Data excerpts:
++++++++++

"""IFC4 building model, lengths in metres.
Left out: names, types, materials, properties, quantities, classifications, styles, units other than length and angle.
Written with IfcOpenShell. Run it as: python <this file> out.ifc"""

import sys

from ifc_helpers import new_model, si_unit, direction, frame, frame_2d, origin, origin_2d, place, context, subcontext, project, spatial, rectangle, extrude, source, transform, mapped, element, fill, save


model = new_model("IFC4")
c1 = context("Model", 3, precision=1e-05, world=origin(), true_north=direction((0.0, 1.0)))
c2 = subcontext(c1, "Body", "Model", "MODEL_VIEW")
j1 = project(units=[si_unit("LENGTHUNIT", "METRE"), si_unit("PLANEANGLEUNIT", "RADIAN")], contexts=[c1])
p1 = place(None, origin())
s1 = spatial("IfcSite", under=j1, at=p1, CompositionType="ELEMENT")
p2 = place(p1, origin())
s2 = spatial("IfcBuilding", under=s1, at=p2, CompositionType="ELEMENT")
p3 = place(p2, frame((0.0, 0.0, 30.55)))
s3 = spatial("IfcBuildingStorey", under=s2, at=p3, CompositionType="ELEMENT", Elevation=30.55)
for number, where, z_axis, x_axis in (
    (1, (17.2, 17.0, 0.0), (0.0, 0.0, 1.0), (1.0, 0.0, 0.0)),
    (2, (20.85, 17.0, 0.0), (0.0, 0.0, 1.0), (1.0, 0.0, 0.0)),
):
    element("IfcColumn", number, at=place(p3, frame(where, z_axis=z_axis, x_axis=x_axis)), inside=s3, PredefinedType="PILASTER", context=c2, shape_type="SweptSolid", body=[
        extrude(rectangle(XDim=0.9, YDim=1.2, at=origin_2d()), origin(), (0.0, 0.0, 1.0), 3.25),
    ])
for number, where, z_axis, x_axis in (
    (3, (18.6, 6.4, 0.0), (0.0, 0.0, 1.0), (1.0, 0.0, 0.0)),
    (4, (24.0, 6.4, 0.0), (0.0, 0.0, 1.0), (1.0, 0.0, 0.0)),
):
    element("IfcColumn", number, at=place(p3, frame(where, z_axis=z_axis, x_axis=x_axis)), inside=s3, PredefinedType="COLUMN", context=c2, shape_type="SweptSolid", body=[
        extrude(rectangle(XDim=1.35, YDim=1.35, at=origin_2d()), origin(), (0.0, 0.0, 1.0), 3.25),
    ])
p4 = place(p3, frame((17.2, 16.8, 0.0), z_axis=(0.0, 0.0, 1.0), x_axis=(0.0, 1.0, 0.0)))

++++++++++

* [What the exercise asks]:
Pick every line of the data that includes the string "direction".

* [Task solution]:
from ifc_helpers import new_model, si_unit, direction, frame, frame_2d, origin, origin_2d, place, context, subcontext, project, spatial, rectangle, extrude, source, transform, mapped, element, fill, save
c1 = context("Model", 3, precision=1e-05, world=origin(), true_north=direction((0.0, 1.0)))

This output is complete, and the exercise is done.